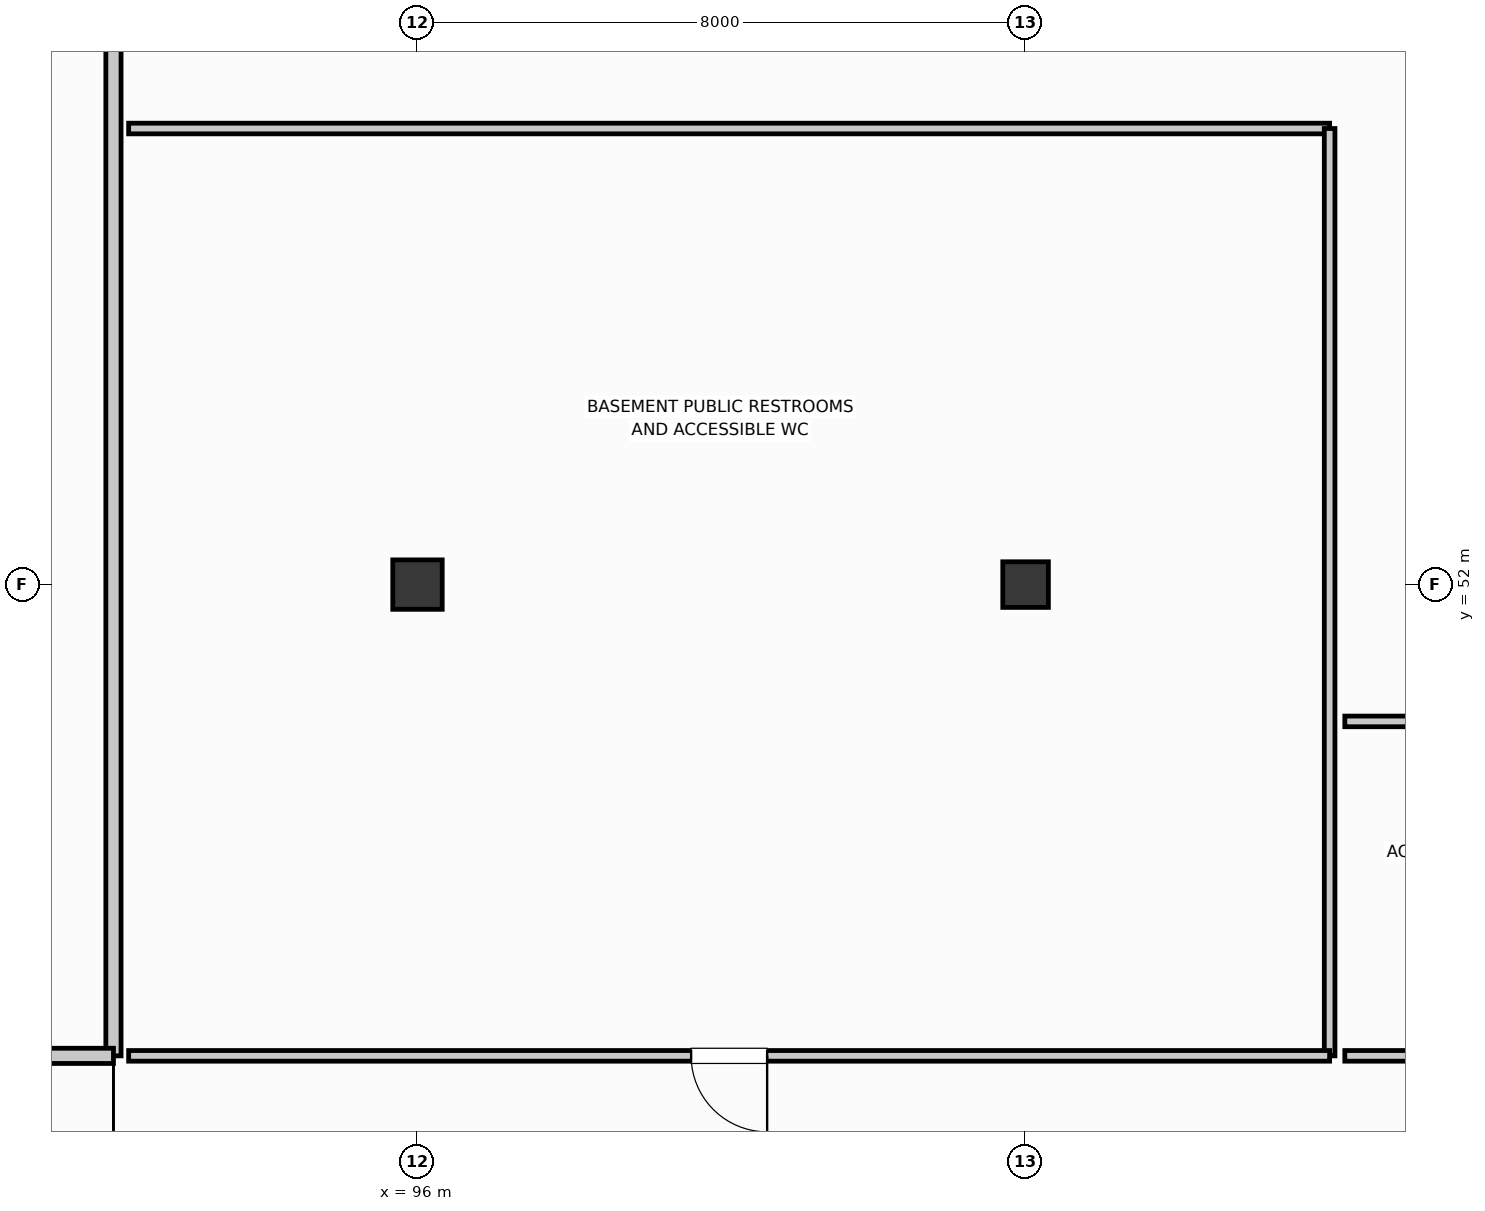
"""IFC4 building model, lengths in metres.
Left out: names, types, materials, properties, quantities, classifications, styles, units other than length and angle.
Written with IfcOpenShell. Run it as: python <this file> out.ifc"""

import sys

from ifc_helpers import new_model, si_unit, direction, frame, frame_2d, origin, origin_2d, place, context, subcontext, project, spatial, rectangle, extrude, element, fill, save


model = new_model("IFC4")
c1 = context("Model", 3, precision=1e-05, world=origin(), true_north=direction((0.0, 1.0)))
c2 = subcontext(c1, "Body", "Model", "MODEL_VIEW")
j1 = project(units=[si_unit("LENGTHUNIT", "METRE"), si_unit("PLANEANGLEUNIT", "RADIAN")], contexts=[c1])
p1 = place(None, origin())
s1 = spatial("IfcSite", under=j1, at=p1, CompositionType="ELEMENT")
p2 = place(p1, origin())
s2 = spatial("IfcBuilding", under=s1, at=p2, CompositionType="ELEMENT")
p3 = place(p2, frame((0.0, 0.0, -5.4)))
s3 = spatial("IfcBuildingStorey", under=s2, at=p3, CompositionType="ELEMENT", Elevation=-5.4)
p4 = place(p3, frame((96.0, 52.0, 0.0), z_axis=(0.0, 0.0, 1.0), x_axis=(1.0, 0.0, 0.0)))
e1 = element("IfcColumn", 1, at=p4, inside=s3, PredefinedType="COLUMN", context=c2, shape_type="SweptSolid", body=[
    extrude(rectangle(XDim=0.65, YDim=0.65, at=origin_2d()), origin(), (0.0, 0.0, 1.0), 5.4),
])
p5 = place(p3, frame((104.0, 52.0, 0.0), z_axis=(0.0, 0.0, 1.0), x_axis=(1.0, 0.0, 0.0)))
e2 = element("IfcColumn", 2, at=p5, inside=s3, PredefinedType="COLUMN", context=c2, shape_type="SweptSolid", body=[
    extrude(rectangle(XDim=0.6, YDim=0.6, at=origin_2d()), origin(), (0.0, 0.0, 1.0), 5.4),
])
p6 = place(p3, frame((92.0, 85.6, 0.0), z_axis=(0.0, 0.0, 1.0), x_axis=(0.0, -1.0, 0.0)))
e3 = element("IfcWall", 3, at=p6, inside=s3, PredefinedType="PARTITIONING", context=c2, shape_type="SweptSolid", body=[
    extrude(rectangle(XDim=39.8, YDim=0.2, at=frame_2d((19.9, 0.0))), origin(), (0.0, 0.0, 1.0), 4.215),
])
p7 = place(p3, frame((92.0, 45.8, 0.0), z_axis=(0.0, 0.0, 1.0), x_axis=(-1.0, 0.0, 0.0)))
e4 = element("IfcWall", 4, at=p7, inside=s3, PredefinedType="PARTITIONING", context=c2, shape_type="SweptSolid", body=[
    extrude(rectangle(XDim=19.08, YDim=0.2, at=frame_2d((9.54, 0.0))), origin(), (0.0, 0.0, 1.0), 4.565),
])
p8 = place(p7, frame((8.64, 0.0, 0.0)))
e5 = element("IfcOpeningElement", 5, at=p8, cuts=e4, PredefinedType="OPENING", context=c2, shape_type="SweptSolid", body=[
    extrude(rectangle(XDim=1.8, YDim=2.25, at=frame_2d((0.9, 1.125))), frame((0.0, 0.11, 0.0), z_axis=(0.0, -1.0, 0.0), x_axis=(1.0, 0.0, 0.0)), (0.0, 0.0, 1.0), 0.22),
])
p9 = place(p3, frame((92.2, 58.0, 0.0), z_axis=(0.0, 0.0, 1.0), x_axis=(1.0, 0.0, 0.0)))
e6 = element("IfcWall", 6, at=p9, inside=s3, PredefinedType="PARTITIONING", context=c2, shape_type="SweptSolid", body=[
    extrude(rectangle(XDim=15.8, YDim=0.14, at=frame_2d((7.9, 0.0))), origin(), (0.0, 0.0, 1.0), 4.575),
])
p10 = place(p3, frame((108.0, 58.0, 0.0), z_axis=(0.0, 0.0, 1.0), x_axis=(0.0, -1.0, 0.0)))
e7 = element("IfcWall", 7, at=p10, inside=s3, PredefinedType="PARTITIONING", context=c2, shape_type="SweptSolid", body=[
    extrude(rectangle(XDim=12.2, YDim=0.14, at=frame_2d((6.1, 0.0))), origin(), (0.0, 0.0, 1.0), 4.275),
])
p11 = place(p3, frame((108.0, 45.8, 0.0), z_axis=(0.0, 0.0, 1.0), x_axis=(-1.0, 0.0, 0.0)))
e8 = element("IfcWall", 8, at=p11, inside=s3, PredefinedType="PARTITIONING", context=c2, shape_type="SweptSolid", body=[
    extrude(rectangle(XDim=15.8, YDim=0.14, at=frame_2d((7.9, 0.0))), origin(), (0.0, 0.0, 1.0), 4.225),
])
p12 = place(p11, frame((7.4, 0.0, 0.0)))
e9 = element("IfcOpeningElement", 9, at=p12, cuts=e8, PredefinedType="OPENING", context=c2, shape_type="SweptSolid", body=[
    extrude(rectangle(XDim=1.0, YDim=2.15, at=frame_2d((0.5, 1.075))), frame((0.0, 0.08, 0.0), z_axis=(0.0, -1.0, 0.0), x_axis=(1.0, 0.0, 0.0)), (0.0, 0.0, 1.0), 0.16),
])
p13 = place(p3, frame((108.2, 50.2, 0.0), z_axis=(0.0, 0.0, 1.0), x_axis=(1.0, 0.0, 0.0)))
e10 = element("IfcWall", 10, at=p13, inside=s3, PredefinedType="PARTITIONING", context=c2, shape_type="SweptSolid", body=[
    extrude(rectangle(XDim=2.88, YDim=0.14, at=frame_2d((1.44, 0.0))), origin(), (0.0, 0.0, 1.0), 5.02),
])
p14 = place(p3, frame((111.08, 45.8, 0.0), z_axis=(0.0, 0.0, 1.0), x_axis=(-1.0, 0.0, 0.0)))
e11 = element("IfcWall", 11, at=p14, inside=s3, PredefinedType="PARTITIONING", context=c2, shape_type="SweptSolid", body=[
    extrude(rectangle(XDim=2.88, YDim=0.14, at=frame_2d((1.44, 0.0))), origin(), (0.0, 0.0, 1.0), 5.02),
])
p15 = place(p14, frame((0.94, 0.0, 0.0)))
e12 = element("IfcOpeningElement", 12, at=p15, cuts=e11, PredefinedType="OPENING", context=c2, shape_type="SweptSolid", body=[
    extrude(rectangle(XDim=1.0, YDim=2.15, at=frame_2d((0.5, 1.075))), frame((0.0, 0.08, 0.0), z_axis=(0.0, -1.0, 0.0), x_axis=(1.0, 0.0, 0.0)), (0.0, 0.0, 1.0), 0.16),
])
p16 = place(p12, origin())
e13 = element("IfcDoor", 13, at=p16, inside=s3, OperationType="SINGLE_SWING_LEFT", PredefinedType="DOOR", context=c2, shape_type="SweptSolid", body=[
    extrude(rectangle(XDim=1.0, YDim=2.15, at=frame_2d((0.5, 1.075))), frame((0.0, 0.025, 0.0), z_axis=(0.0, -1.0, 0.0), x_axis=(1.0, 0.0, 0.0)), (0.0, 0.0, 1.0), 0.05),
])
fill(e9, e13)
save(model, sys.argv[1])
============
**INSTRUCTIONS TO FOLLOW**
Everything in the records above should be printed exactly, apart from the pictures.

**RESULT FOR THIS TASK**
"""IFC4 building model, lengths in metres.
Left out: names, types, materials, properties, quantities, classifications, styles, units other than length and angle.
Written with IfcOpenShell. Run it as: python <this file> out.ifc"""

import sys

from ifc_helpers import new_model, si_unit, direction, frame, frame_2d, origin, origin_2d, place, context, subcontext, project, spatial, rectangle, extrude, element, fill, save


model = new_model("IFC4")
c1 = context("Model", 3, precision=1e-05, world=origin(), true_north=direction((0.0, 1.0)))
c2 = subcontext(c1, "Body", "Model", "MODEL_VIEW")
j1 = project(units=[si_unit("LENGTHUNIT", "METRE"), si_unit("PLANEANGLEUNIT", "RADIAN")], contexts=[c1])
p1 = place(None, origin())
s1 = spatial("IfcSite", under=j1, at=p1, CompositionType="ELEMENT")
p2 = place(p1, origin())
s2 = spatial("IfcBuilding", under=s1, at=p2, CompositionType="ELEMENT")
p3 = place(p2, frame((0.0, 0.0, -5.4)))
s3 = spatial("IfcBuildingStorey", under=s2, at=p3, CompositionType="ELEMENT", Elevation=-5.4)
p4 = place(p3, frame((96.0, 52.0, 0.0), z_axis=(0.0, 0.0, 1.0), x_axis=(1.0, 0.0, 0.0)))
e1 = element("IfcColumn", 1, at=p4, inside=s3, PredefinedType="COLUMN", context=c2, shape_type="SweptSolid", body=[
    extrude(rectangle(XDim=0.65, YDim=0.65, at=origin_2d()), origin(), (0.0, 0.0, 1.0), 5.4),
])
p5 = place(p3, frame((104.0, 52.0, 0.0), z_axis=(0.0, 0.0, 1.0), x_axis=(1.0, 0.0, 0.0)))
e2 = element("IfcColumn", 2, at=p5, inside=s3, PredefinedType="COLUMN", context=c2, shape_type="SweptSolid", body=[
    extrude(rectangle(XDim=0.6, YDim=0.6, at=origin_2d()), origin(), (0.0, 0.0, 1.0), 5.4),
])
p6 = place(p3, frame((92.0, 85.6, 0.0), z_axis=(0.0, 0.0, 1.0), x_axis=(0.0, -1.0, 0.0)))
e3 = element("IfcWall", 3, at=p6, inside=s3, PredefinedType="PARTITIONING", context=c2, shape_type="SweptSolid", body=[
    extrude(rectangle(XDim=39.8, YDim=0.2, at=frame_2d((19.9, 0.0))), origin(), (0.0, 0.0, 1.0), 4.215),
])
p7 = place(p3, frame((92.0, 45.8, 0.0), z_axis=(0.0, 0.0, 1.0), x_axis=(-1.0, 0.0, 0.0)))
e4 = element("IfcWall", 4, at=p7, inside=s3, PredefinedType="PARTITIONING", context=c2, shape_type="SweptSolid", body=[
    extrude(rectangle(XDim=19.08, YDim=0.2, at=frame_2d((9.54, 0.0))), origin(), (0.0, 0.0, 1.0), 4.565),
])
p8 = place(p7, frame((8.64, 0.0, 0.0)))
e5 = element("IfcOpeningElement", 5, at=p8, cuts=e4, PredefinedType="OPENING", context=c2, shape_type="SweptSolid", body=[
    extrude(rectangle(XDim=1.8, YDim=2.25, at=frame_2d((0.9, 1.125))), frame((0.0, 0.11, 0.0), z_axis=(0.0, -1.0, 0.0), x_axis=(1.0, 0.0, 0.0)), (0.0, 0.0, 1.0), 0.22),
])
p9 = place(p3, frame((92.2, 58.0, 0.0), z_axis=(0.0, 0.0, 1.0), x_axis=(1.0, 0.0, 0.0)))
e6 = element("IfcWall", 6, at=p9, inside=s3, PredefinedType="PARTITIONING", context=c2, shape_type="SweptSolid", body=[
    extrude(rectangle(XDim=15.8, YDim=0.14, at=frame_2d((7.9, 0.0))), origin(), (0.0, 0.0, 1.0), 4.575),
])
p10 = place(p3, frame((108.0, 58.0, 0.0), z_axis=(0.0, 0.0, 1.0), x_axis=(0.0, -1.0, 0.0)))
e7 = element("IfcWall", 7, at=p10, inside=s3, PredefinedType="PARTITIONING", context=c2, shape_type="SweptSolid", body=[
    extrude(rectangle(XDim=12.2, YDim=0.14, at=frame_2d((6.1, 0.0))), origin(), (0.0, 0.0, 1.0), 4.275),
])
p11 = place(p3, frame((108.0, 45.8, 0.0), z_axis=(0.0, 0.0, 1.0), x_axis=(-1.0, 0.0, 0.0)))
e8 = element("IfcWall", 8, at=p11, inside=s3, PredefinedType="PARTITIONING", context=c2, shape_type="SweptSolid", body=[
    extrude(rectangle(XDim=15.8, YDim=0.14, at=frame_2d((7.9, 0.0))), origin(), (0.0, 0.0, 1.0), 4.225),
])
p12 = place(p11, frame((7.4, 0.0, 0.0)))
e9 = element("IfcOpeningElement", 9, at=p12, cuts=e8, PredefinedType="OPENING", context=c2, shape_type="SweptSolid", body=[
    extrude(rectangle(XDim=1.0, YDim=2.15, at=frame_2d((0.5, 1.075))), frame((0.0, 0.08, 0.0), z_axis=(0.0, -1.0, 0.0), x_axis=(1.0, 0.0, 0.0)), (0.0, 0.0, 1.0), 0.16),
])
p13 = place(p3, frame((108.2, 50.2, 0.0), z_axis=(0.0, 0.0, 1.0), x_axis=(1.0, 0.0, 0.0)))
e10 = element("IfcWall", 10, at=p13, inside=s3, PredefinedType="PARTITIONING", context=c2, shape_type="SweptSolid", body=[
    extrude(rectangle(XDim=2.88, YDim=0.14, at=frame_2d((1.44, 0.0))), origin(), (0.0, 0.0, 1.0), 5.02),
])
p14 = place(p3, frame((111.08, 45.8, 0.0), z_axis=(0.0, 0.0, 1.0), x_axis=(-1.0, 0.0, 0.0)))
e11 = element("IfcWall", 11, at=p14, inside=s3, PredefinedType="PARTITIONING", context=c2, shape_type="SweptSolid", body=[
    extrude(rectangle(XDim=2.88, YDim=0.14, at=frame_2d((1.44, 0.0))), origin(), (0.0, 0.0, 1.0), 5.02),
])
p15 = place(p14, frame((0.94, 0.0, 0.0)))
e12 = element("IfcOpeningElement", 12, at=p15, cuts=e11, PredefinedType="OPENING", context=c2, shape_type="SweptSolid", body=[
    extrude(rectangle(XDim=1.0, YDim=2.15, at=frame_2d((0.5, 1.075))), frame((0.0, 0.08, 0.0), z_axis=(0.0, -1.0, 0.0), x_axis=(1.0, 0.0, 0.0)), (0.0, 0.0, 1.0), 0.16),
])
p16 = place(p12, origin())
e13 = element("IfcDoor", 13, at=p16, inside=s3, OperationType="SINGLE_SWING_LEFT", PredefinedType="DOOR", context=c2, shape_type="SweptSolid", body=[
    extrude(rectangle(XDim=1.0, YDim=2.15, at=frame_2d((0.5, 1.075))), frame((0.0, 0.025, 0.0), z_axis=(0.0, -1.0, 0.0), x_axis=(1.0, 0.0, 0.0)), (0.0, 0.0, 1.0), 0.05),
])
fill(e9, e13)
save(model, sys.argv[1])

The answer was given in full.